[Opening RECORDS TO PROCESS section]
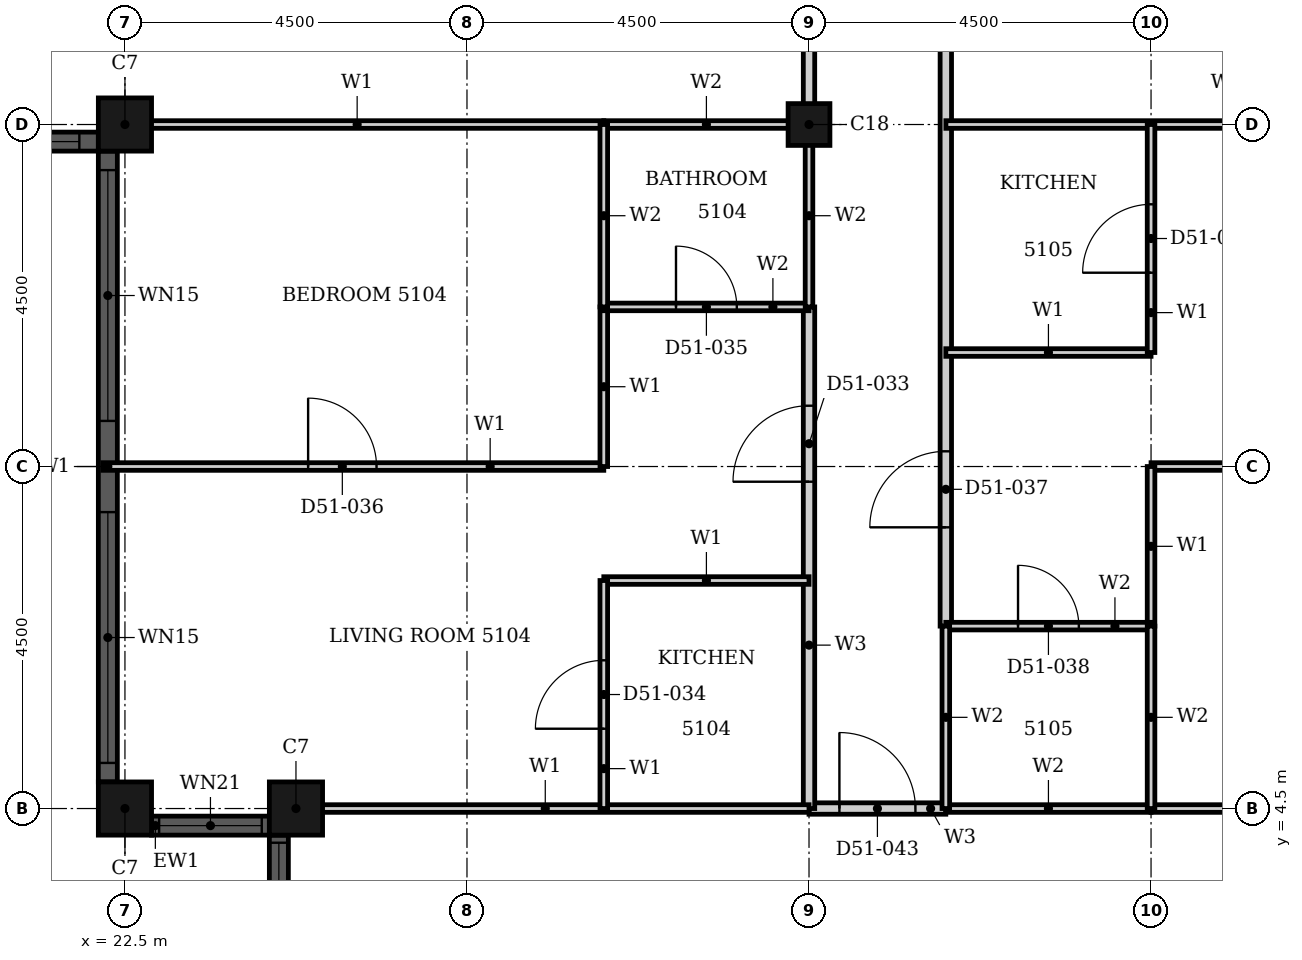
"""IFC4 building model, lengths in metres.
Left out: names, types, materials, properties, quantities, classifications, styles, units other than length and angle.
Written with IfcOpenShell. Run it as: python <this file> out.ifc"""

import sys

from ifc_helpers import new_model, si_unit, direction, frame, frame_2d, origin, origin_2d, place, context, subcontext, project, spatial, rectangle, hollow_rectangle, extrude, element, fill, save


model = new_model("IFC4")
c1 = context("Model", 3, precision=1e-05, world=origin(), true_north=direction((0.0, 1.0)))
c2 = subcontext(c1, "Body", "Model", "MODEL_VIEW")
j1 = project(units=[si_unit("LENGTHUNIT", "METRE"), si_unit("PLANEANGLEUNIT", "RADIAN")], contexts=[c1])
p1 = place(None, origin())
s1 = spatial("IfcSite", under=j1, at=p1, CompositionType="ELEMENT")
p2 = place(p1, origin())
s2 = spatial("IfcBuilding", under=s1, at=p2, CompositionType="ELEMENT")
p3 = place(p2, frame((0.0, 0.0, 203.5)))
s3 = spatial("IfcBuildingStorey", under=s2, at=p3, CompositionType="ELEMENT", Elevation=203.5)
for number, where, z_axis, x_axis in (
    (1, (22.5, 13.5, 0.0), (0.0, 0.0, 1.0), (1.0, 0.0, 0.0)),
    (2, (22.5, 4.5, 0.0), (0.0, 0.0, 1.0), (1.0, 0.0, 0.0)),
    (3, (24.75, 4.5, 0.0), (0.0, 0.0, 1.0), (1.0, 0.0, 0.0)),
):
    element("IfcColumn", number, at=place(p3, frame(where, z_axis=z_axis, x_axis=x_axis)), inside=s3, PredefinedType="COLUMN", context=c2, shape_type="SweptSolid", body=[
        extrude(hollow_rectangle(XDim=0.7, YDim=0.7, WallThickness=0.022, at=origin_2d()), origin(), (0.0, 0.0, 1.0), 3.7),
    ])
p4 = place(p3, frame((31.5, 13.5, 0.0), z_axis=(0.0, 0.0, 1.0), x_axis=(1.0, 0.0, 0.0)))
e4 = element("IfcColumn", 4, at=p4, inside=s3, PredefinedType="COLUMN", context=c2, shape_type="SweptSolid", body=[
    extrude(hollow_rectangle(XDim=0.55, YDim=0.55, WallThickness=0.018, at=origin_2d()), origin(), (0.0, 0.0, 1.0), 3.7),
])
p5 = place(p3, frame((18.35, 13.275, 0.0), z_axis=(0.0, 0.0, 1.0), x_axis=(1.0, 0.0, 0.0)))
e5 = element("IfcWall", 5, at=p5, inside=s3, PredefinedType="SOLIDWALL", context=c2, shape_type="SweptSolid", body=[
    extrude(rectangle(XDim=3.8, YDim=0.25, at=frame_2d((1.9, 0.0))), origin(), (0.0, 0.0, 1.0), 3.7),
])
p6 = place(p5, frame((0.25, 0.0, 0.45)))
e6 = element("IfcOpeningElement", 6, at=p6, cuts=e5, PredefinedType="OPENING", context=c2, shape_type="SweptSolid", body=[
    extrude(rectangle(XDim=3.3, YDim=2.3, at=frame_2d((1.65, 1.15))), frame((0.0, 0.135, 0.0), z_axis=(0.0, -1.0, 0.0), x_axis=(1.0, 0.0, 0.0)), (0.0, 0.0, 1.0), 0.27),
])
p7 = place(p3, frame((22.275, 13.15, 0.0), z_axis=(0.0, 0.0, 1.0), x_axis=(0.0, -1.0, 0.0)))
e7 = element("IfcWall", 7, at=p7, inside=s3, PredefinedType="SOLIDWALL", context=c2, shape_type="SweptSolid", body=[
    extrude(rectangle(XDim=8.3, YDim=0.25, at=frame_2d((4.15, 0.0))), origin(), (0.0, 0.0, 1.0), 3.7),
])
p8 = place(p7, frame((0.25, 0.0, 0.45)))
e8 = element("IfcOpeningElement", 8, at=p8, cuts=e7, PredefinedType="OPENING", context=c2, shape_type="SweptSolid", body=[
    extrude(rectangle(XDim=3.3, YDim=2.3, at=frame_2d((1.65, 1.15))), frame((0.0, 0.135, 0.0), z_axis=(0.0, -1.0, 0.0), x_axis=(1.0, 0.0, 0.0)), (0.0, 0.0, 1.0), 0.27),
])
p9 = place(p7, frame((4.75, 0.0, 0.45)))
e9 = element("IfcOpeningElement", 9, at=p9, cuts=e7, PredefinedType="OPENING", context=c2, shape_type="SweptSolid", body=[
    extrude(rectangle(XDim=3.3, YDim=2.3, at=frame_2d((1.65, 1.15))), frame((0.0, 0.135, 0.0), z_axis=(0.0, -1.0, 0.0), x_axis=(1.0, 0.0, 0.0)), (0.0, 0.0, 1.0), 0.27),
])
p10 = place(p3, frame((22.85, 4.275, 0.0), z_axis=(0.0, 0.0, 1.0), x_axis=(1.0, 0.0, 0.0)))
e10 = element("IfcWall", 10, at=p10, inside=s3, PredefinedType="SOLIDWALL", context=c2, shape_type="SweptSolid", body=[
    extrude(rectangle(XDim=1.55, YDim=0.25, at=frame_2d((0.775, 0.0))), origin(), (0.0, 0.0, 1.0), 3.7),
])
p11 = place(p10, frame((0.1, 0.0, 0.9)))
e11 = element("IfcOpeningElement", 11, at=p11, cuts=e10, PredefinedType="OPENING", context=c2, shape_type="SweptSolid", body=[
    extrude(rectangle(XDim=1.35, YDim=1.85, at=frame_2d((0.675, 0.925))), frame((0.0, 0.135, 0.0), z_axis=(0.0, -1.0, 0.0), x_axis=(1.0, 0.0, 0.0)), (0.0, 0.0, 1.0), 0.27),
])
p12 = place(p3, frame((24.525, 4.15, 0.0), z_axis=(0.0, 0.0, 1.0), x_axis=(0.0, -1.0, 0.0)))
e12 = element("IfcWall", 12, at=p12, inside=s3, PredefinedType="SOLIDWALL", context=c2, shape_type="SweptSolid", body=[
    extrude(rectangle(XDim=1.55, YDim=0.25, at=frame_2d((0.775, 0.0))), origin(), (0.0, 0.0, 1.0), 3.7),
])
p13 = place(p12, frame((0.1, 0.0, 0.9)))
e13 = element("IfcOpeningElement", 13, at=p13, cuts=e12, PredefinedType="OPENING", context=c2, shape_type="SweptSolid", body=[
    extrude(rectangle(XDim=1.35, YDim=1.85, at=frame_2d((0.675, 0.925))), frame((0.0, 0.135, 0.0), z_axis=(0.0, -1.0, 0.0), x_axis=(1.0, 0.0, 0.0)), (0.0, 0.0, 1.0), 0.27),
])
[Closing RECORDS TO PROCESS section]
** ACTIVITY **
Print the records again exactly, pictures excluded.

** ANSWER SPACE **
"""IFC4 building model, lengths in metres.
Left out: names, types, materials, properties, quantities, classifications, styles, units other than length and angle.
Written with IfcOpenShell. Run it as: python <this file> out.ifc"""

import sys

from ifc_helpers import new_model, si_unit, direction, frame, frame_2d, origin, origin_2d, place, context, subcontext, project, spatial, rectangle, hollow_rectangle, extrude, element, fill, save


model = new_model("IFC4")
c1 = context("Model", 3, precision=1e-05, world=origin(), true_north=direction((0.0, 1.0)))
c2 = subcontext(c1, "Body", "Model", "MODEL_VIEW")
j1 = project(units=[si_unit("LENGTHUNIT", "METRE"), si_unit("PLANEANGLEUNIT", "RADIAN")], contexts=[c1])
p1 = place(None, origin())
s1 = spatial("IfcSite", under=j1, at=p1, CompositionType="ELEMENT")
p2 = place(p1, origin())
s2 = spatial("IfcBuilding", under=s1, at=p2, CompositionType="ELEMENT")
p3 = place(p2, frame((0.0, 0.0, 203.5)))
s3 = spatial("IfcBuildingStorey", under=s2, at=p3, CompositionType="ELEMENT", Elevation=203.5)
for number, where, z_axis, x_axis in (
    (1, (22.5, 13.5, 0.0), (0.0, 0.0, 1.0), (1.0, 0.0, 0.0)),
    (2, (22.5, 4.5, 0.0), (0.0, 0.0, 1.0), (1.0, 0.0, 0.0)),
    (3, (24.75, 4.5, 0.0), (0.0, 0.0, 1.0), (1.0, 0.0, 0.0)),
):
    element("IfcColumn", number, at=place(p3, frame(where, z_axis=z_axis, x_axis=x_axis)), inside=s3, PredefinedType="COLUMN", context=c2, shape_type="SweptSolid", body=[
        extrude(hollow_rectangle(XDim=0.7, YDim=0.7, WallThickness=0.022, at=origin_2d()), origin(), (0.0, 0.0, 1.0), 3.7),
    ])
p4 = place(p3, frame((31.5, 13.5, 0.0), z_axis=(0.0, 0.0, 1.0), x_axis=(1.0, 0.0, 0.0)))
e4 = element("IfcColumn", 4, at=p4, inside=s3, PredefinedType="COLUMN", context=c2, shape_type="SweptSolid", body=[
    extrude(hollow_rectangle(XDim=0.55, YDim=0.55, WallThickness=0.018, at=origin_2d()), origin(), (0.0, 0.0, 1.0), 3.7),
])
p5 = place(p3, frame((18.35, 13.275, 0.0), z_axis=(0.0, 0.0, 1.0), x_axis=(1.0, 0.0, 0.0)))
e5 = element("IfcWall", 5, at=p5, inside=s3, PredefinedType="SOLIDWALL", context=c2, shape_type="SweptSolid", body=[
    extrude(rectangle(XDim=3.8, YDim=0.25, at=frame_2d((1.9, 0.0))), origin(), (0.0, 0.0, 1.0), 3.7),
])
p6 = place(p5, frame((0.25, 0.0, 0.45)))
e6 = element("IfcOpeningElement", 6, at=p6, cuts=e5, PredefinedType="OPENING", context=c2, shape_type="SweptSolid", body=[
    extrude(rectangle(XDim=3.3, YDim=2.3, at=frame_2d((1.65, 1.15))), frame((0.0, 0.135, 0.0), z_axis=(0.0, -1.0, 0.0), x_axis=(1.0, 0.0, 0.0)), (0.0, 0.0, 1.0), 0.27),
])
p7 = place(p3, frame((22.275, 13.15, 0.0), z_axis=(0.0, 0.0, 1.0), x_axis=(0.0, -1.0, 0.0)))
e7 = element("IfcWall", 7, at=p7, inside=s3, PredefinedType="SOLIDWALL", context=c2, shape_type="SweptSolid", body=[
    extrude(rectangle(XDim=8.3, YDim=0.25, at=frame_2d((4.15, 0.0))), origin(), (0.0, 0.0, 1.0), 3.7),
])
p8 = place(p7, frame((0.25, 0.0, 0.45)))
e8 = element("IfcOpeningElement", 8, at=p8, cuts=e7, PredefinedType="OPENING", context=c2, shape_type="SweptSolid", body=[
    extrude(rectangle(XDim=3.3, YDim=2.3, at=frame_2d((1.65, 1.15))), frame((0.0, 0.135, 0.0), z_axis=(0.0, -1.0, 0.0), x_axis=(1.0, 0.0, 0.0)), (0.0, 0.0, 1.0), 0.27),
])
p9 = place(p7, frame((4.75, 0.0, 0.45)))
e9 = element("IfcOpeningElement", 9, at=p9, cuts=e7, PredefinedType="OPENING", context=c2, shape_type="SweptSolid", body=[
    extrude(rectangle(XDim=3.3, YDim=2.3, at=frame_2d((1.65, 1.15))), frame((0.0, 0.135, 0.0), z_axis=(0.0, -1.0, 0.0), x_axis=(1.0, 0.0, 0.0)), (0.0, 0.0, 1.0), 0.27),
])
p10 = place(p3, frame((22.85, 4.275, 0.0), z_axis=(0.0, 0.0, 1.0), x_axis=(1.0, 0.0, 0.0)))
e10 = element("IfcWall", 10, at=p10, inside=s3, PredefinedType="SOLIDWALL", context=c2, shape_type="SweptSolid", body=[
    extrude(rectangle(XDim=1.55, YDim=0.25, at=frame_2d((0.775, 0.0))), origin(), (0.0, 0.0, 1.0), 3.7),
])
p11 = place(p10, frame((0.1, 0.0, 0.9)))
e11 = element("IfcOpeningElement", 11, at=p11, cuts=e10, PredefinedType="OPENING", context=c2, shape_type="SweptSolid", body=[
    extrude(rectangle(XDim=1.35, YDim=1.85, at=frame_2d((0.675, 0.925))), frame((0.0, 0.135, 0.0), z_axis=(0.0, -1.0, 0.0), x_axis=(1.0, 0.0, 0.0)), (0.0, 0.0, 1.0), 0.27),
])
p12 = place(p3, frame((24.525, 4.15, 0.0), z_axis=(0.0, 0.0, 1.0), x_axis=(0.0, -1.0, 0.0)))
e12 = element("IfcWall", 12, at=p12, inside=s3, PredefinedType="SOLIDWALL", context=c2, shape_type="SweptSolid", body=[
    extrude(rectangle(XDim=1.55, YDim=0.25, at=frame_2d((0.775, 0.0))), origin(), (0.0, 0.0, 1.0), 3.7),
])
p13 = place(p12, frame((0.1, 0.0, 0.9)))
e13 = element("IfcOpeningElement", 13, at=p13, cuts=e12, PredefinedType="OPENING", context=c2, shape_type="SweptSolid", body=[
    extrude(rectangle(XDim=1.35, YDim=1.85, at=frame_2d((0.675, 0.925))), frame((0.0, 0.135, 0.0), z_axis=(0.0, -1.0, 0.0), x_axis=(1.0, 0.0, 0.0)), (0.0, 0.0, 1.0), 0.27),
])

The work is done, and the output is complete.